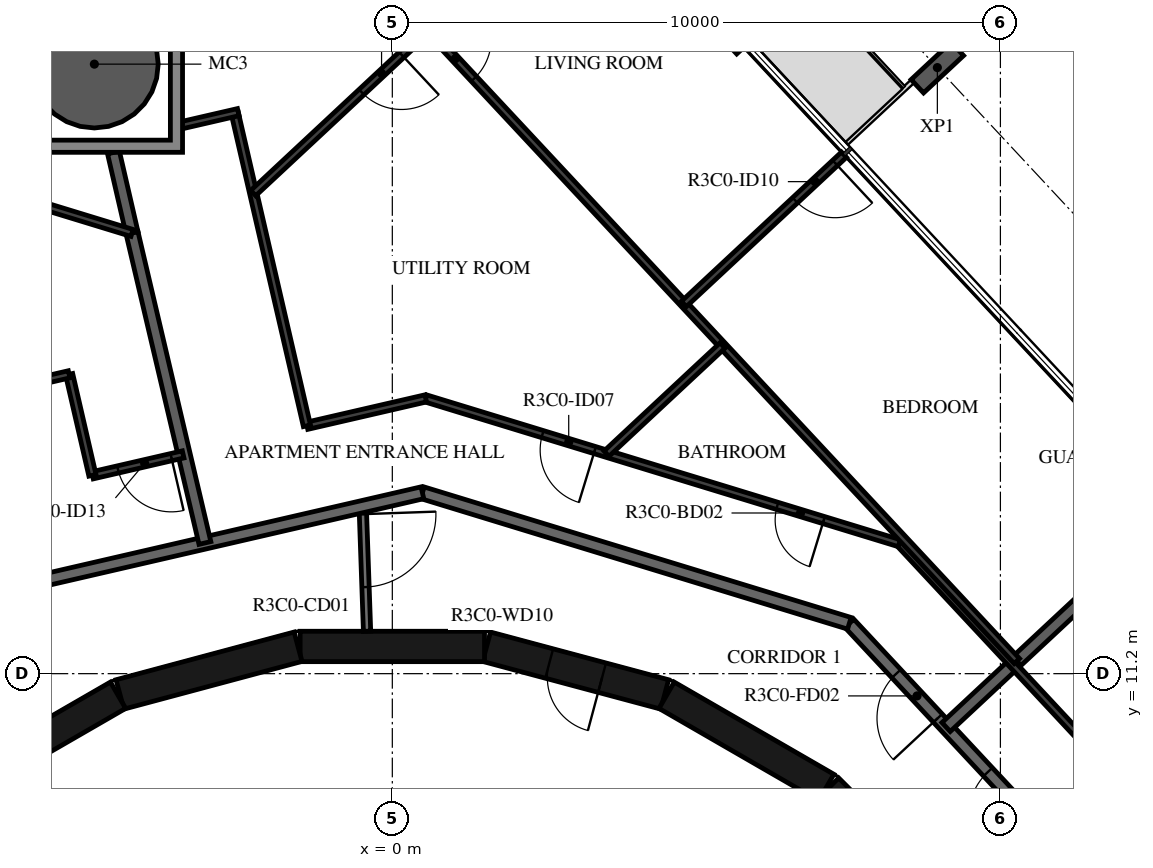
"""IFC4 building model, lengths in metres.
Left out: names, types, materials, properties, quantities, classifications, styles, units other than length and angle.
Written with IfcOpenShell. Run it as: python <this file> out.ifc"""

import sys

from ifc_helpers import new_model, si_unit, direction, frame, frame_2d, origin, origin_2d, place, context, subcontext, project, spatial, polyline, rectangle, hollow_circle, i_section, outline, extrude, element, fill, save


model = new_model("IFC4")
c1 = context("Model", 3, precision=1e-05, world=origin(), true_north=direction((0.0, 1.0)))
c2 = subcontext(c1, "Body", "Model", "MODEL_VIEW")
j1 = project(units=[si_unit("LENGTHUNIT", "METRE"), si_unit("PLANEANGLEUNIT", "RADIAN")], contexts=[c1])
p1 = place(None, origin())
s1 = spatial("IfcSite", under=j1, at=p1, CompositionType="ELEMENT")
p2 = place(p1, origin())
s2 = spatial("IfcBuilding", under=s1, at=p2, CompositionType="ELEMENT")
p3 = place(p2, frame((0.0, 0.0, 141.4)))
s3 = spatial("IfcBuildingStorey", under=s2, at=p3, CompositionType="ELEMENT", Elevation=141.4)
p4 = place(p3, frame((-4.9, 21.223, -0.38), z_axis=(0.0, 0.0, 1.0), x_axis=(1.0, 0.0, 0.0)))
e1 = element("IfcColumn", 1, at=p4, inside=s3, PredefinedType="COLUMN", context=c2, shape_type="SweptSolid", body=[
    extrude(hollow_circle(Radius=1.05, WallThickness=0.05, at=origin_2d()), origin(), (0.0, 0.0, 1.0), 2.576),
])
p5 = place(p3, frame((8.963, 21.167, -0.38), z_axis=(0.0, 0.0, 1.0), x_axis=(0.68199801865, -0.731354019992, 0.0)))
e2 = element("IfcColumn", 2, at=p5, inside=s3, PredefinedType="COLUMN", context=c2, shape_type="SweptSolid", body=[
    extrude(i_section(OverallWidth=0.3, OverallDepth=0.9, WebThickness=0.019, FlangeThickness=0.035, FilletRadius=0.03, at=origin_2d()), origin(), (0.0, 0.0, 1.0), 2.616),
])
p6 = place(p3, frame((5.722, 21.446, 0.0), z_axis=(0.0, 0.0, 1.0), x_axis=(-0.681994703002, 0.731357111866, 0.0)))
e3 = element("IfcWall", 3, at=p6, inside=s3, PredefinedType="STANDARD", context=c2, shape_type="SweptSolid", body=[
    extrude(rectangle(XDim=3.2, YDim=0.16, at=frame_2d((1.6, 0.0))), origin(), (0.0, 0.0, 1.0), 3.05),
])
p7 = place(p6, frame((0.4, 0.0, 0.0)))
e4 = element("IfcOpeningElement", 4, at=p7, cuts=e3, PredefinedType="OPENING", context=c2, shape_type="SweptSolid", body=[
    extrude(rectangle(XDim=2.4, YDim=2.4, at=frame_2d((1.2, 1.2))), frame((0.0, 0.09, 0.0), z_axis=(0.0, -1.0, 0.0), x_axis=(1.0, 0.0, 0.0)), (0.0, 0.0, 1.0), 0.18),
])
p8 = place(p3, frame((9.308, 7.164, 0.0), z_axis=(0.0, 0.0, 1.0), x_axis=(-0.707106781187, 0.707106781187, 0.0)))
e5 = element("IfcWall", 5, at=p8, inside=s3, PredefinedType="SHEAR", context=c2, shape_type="SweptSolid", body=[
    extrude(rectangle(XDim=3.032, YDim=0.5, at=frame_2d((1.516, 0.0))), origin(), (0.0, 0.0, 1.0), 3.05),
])
p9 = place(p8, frame((0.416, 0.0, 0.0)))
e6 = element("IfcOpeningElement", 6, at=p9, cuts=e5, PredefinedType="OPENING", context=c2, shape_type="SweptSolid", body=[
    extrude(rectangle(XDim=1.2, YDim=2.1, at=frame_2d((0.6, 1.05))), frame((0.0, 0.26, 0.0), z_axis=(0.0, -1.0, 0.0), x_axis=(1.0, 0.0, 0.0)), (0.0, 0.0, 1.0), 0.52),
])
p10 = place(p3, frame((7.137, 9.329, 0.0), z_axis=(0.0, 0.0, 1.0), x_axis=(-0.865975092491, 0.500087131594, 0.0)))
e7 = element("IfcWall", 7, at=p10, inside=s3, PredefinedType="SHEAR", context=c2, shape_type="SweptSolid", body=[
    extrude(rectangle(XDim=3.033, YDim=0.5, at=frame_2d((1.516, 0.0))), origin(), (0.0, 0.0, 1.0), 3.05),
])
p11 = place(p3, frame((4.479, 10.858, 0.0), z_axis=(0.0, 0.0, 1.0), x_axis=(-0.965948410781, 0.258734743916, 0.0)))
e8 = element("IfcWall", 8, at=p11, inside=s3, PredefinedType="SHEAR", context=c2, shape_type="SweptSolid", body=[
    extrude(rectangle(XDim=3.033, YDim=0.5, at=frame_2d((1.516, 0.0))), origin(), (0.0, 0.0, 1.0), 3.05),
])
p12 = place(p11, frame((1.066, 0.0, 0.0)))
e9 = element("IfcOpeningElement", 9, at=p12, cuts=e8, PredefinedType="OPENING", context=c2, shape_type="SweptSolid", body=[
    extrude(rectangle(XDim=0.9, YDim=2.1, at=frame_2d((0.45, 1.05))), frame((0.0, 0.26, 0.0), z_axis=(0.0, -1.0, 0.0), x_axis=(1.0, 0.0, 0.0)), (0.0, 0.0, 1.0), 0.52),
])
for number, where, z_axis, x_axis in (
    (10, (1.516, 11.647, 0.0), (0.0, 0.0, 1.0), (-1.0, 0.0, 0.0)),
    (11, (-1.55, 11.643, 0.0), (0.0, 0.0, 1.0), (-0.966, -0.259, 0.0)),
    (12, (-4.51, 10.845, 0.0), (0.0, 0.0, 1.0), (-0.866, -0.5, 0.0)),
):
    element("IfcWall", number, at=place(p3, frame(where, z_axis=z_axis, x_axis=x_axis)), inside=s3, PredefinedType="SHEAR", context=c2, shape_type="SweptSolid", body=[
        extrude(rectangle(XDim=3.033, YDim=0.5, at=frame_2d((1.516, 0.0))), origin(), (0.0, 0.0, 1.0), 3.05),
    ])
p13 = place(p3, frame((-0.487, 13.948, 0.0), z_axis=(0.0, 0.0, 1.0), x_axis=(0.034859752231, -0.999392214135, 0.0)))
e13 = element("IfcWall", 13, at=p13, inside=s3, PredefinedType="PARTITIONING", context=c2, shape_type="SweptSolid", body=[
    extrude(rectangle(XDim=2.052, YDim=0.12, at=frame_2d((1.026, 0.0))), origin(), (0.0, 0.0, 1.0), 3.05),
])
p14 = place(p13, frame((0.125, 0.0, 0.0)))
e14 = element("IfcOpeningElement", 14, at=p14, cuts=e13, PredefinedType="OPENING", context=c2, shape_type="SweptSolid", body=[
    extrude(rectangle(XDim=1.2, YDim=2.1, at=frame_2d((0.6, 1.05))), frame((0.0, 0.07, 0.0), z_axis=(0.0, -1.0, 0.0), x_axis=(1.0, 0.0, 0.0)), (0.0, 0.0, 1.0), 0.14),
])
p15 = place(p3, frame((12.523, 6.659, 0.0), z_axis=(0.0, 0.0, 1.0), x_axis=(-0.682001841105, 0.731350455479, 0.0)))
e15 = element("IfcWall", 15, at=p15, inside=s3, PredefinedType="STANDARD", context=c2, shape_type="SweptSolid", body=[
    extrude(rectangle(XDim=7.342, YDim=0.2, at=frame_2d((3.671, 0.0))), origin(), (0.0, 0.0, 1.0), 3.05),
])
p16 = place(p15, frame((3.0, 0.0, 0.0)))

**Assignment**:
Every line in the listing that holds "rectangle" belongs in the answer.

**Answer to the exercise**:
from ifc_helpers import new_model, si_unit, direction, frame, frame_2d, origin, origin_2d, place, context, subcontext, project, spatial, polyline, rectangle, hollow_circle, i_section, outline, extrude, element, fill, save
    extrude(rectangle(XDim=3.2, YDim=0.16, at=frame_2d((1.6, 0.0))), origin(), (0.0, 0.0, 1.0), 3.05),
    extrude(rectangle(XDim=2.4, YDim=2.4, at=frame_2d((1.2, 1.2))), frame((0.0, 0.09, 0.0), z_axis=(0.0, -1.0, 0.0), x_axis=(1.0, 0.0, 0.0)), (0.0, 0.0, 1.0), 0.18),
    extrude(rectangle(XDim=3.032, YDim=0.5, at=frame_2d((1.516, 0.0))), origin(), (0.0, 0.0, 1.0), 3.05),
    extrude(rectangle(XDim=1.2, YDim=2.1, at=frame_2d((0.6, 1.05))), frame((0.0, 0.26, 0.0), z_axis=(0.0, -1.0, 0.0), x_axis=(1.0, 0.0, 0.0)), (0.0, 0.0, 1.0), 0.52),
    extrude(rectangle(XDim=3.033, YDim=0.5, at=frame_2d((1.516, 0.0))), origin(), (0.0, 0.0, 1.0), 3.05),
    extrude(rectangle(XDim=3.033, YDim=0.5, at=frame_2d((1.516, 0.0))), origin(), (0.0, 0.0, 1.0), 3.05),
    extrude(rectangle(XDim=0.9, YDim=2.1, at=frame_2d((0.45, 1.05))), frame((0.0, 0.26, 0.0), z_axis=(0.0, -1.0, 0.0), x_axis=(1.0, 0.0, 0.0)), (0.0, 0.0, 1.0), 0.52),
        extrude(rectangle(XDim=3.033, YDim=0.5, at=frame_2d((1.516, 0.0))), origin(), (0.0, 0.0, 1.0), 3.05),
    extrude(rectangle(XDim=2.052, YDim=0.12, at=frame_2d((1.026, 0.0))), origin(), (0.0, 0.0, 1.0), 3.05),
    extrude(rectangle(XDim=1.2, YDim=2.1, at=frame_2d((0.6, 1.05))), frame((0.0, 0.07, 0.0), z_axis=(0.0, -1.0, 0.0), x_axis=(1.0, 0.0, 0.0)), (0.0, 0.0, 1.0), 0.14),
    extrude(rectangle(XDim=7.342, YDim=0.2, at=frame_2d((3.671, 0.0))), origin(), (0.0, 0.0, 1.0), 3.05),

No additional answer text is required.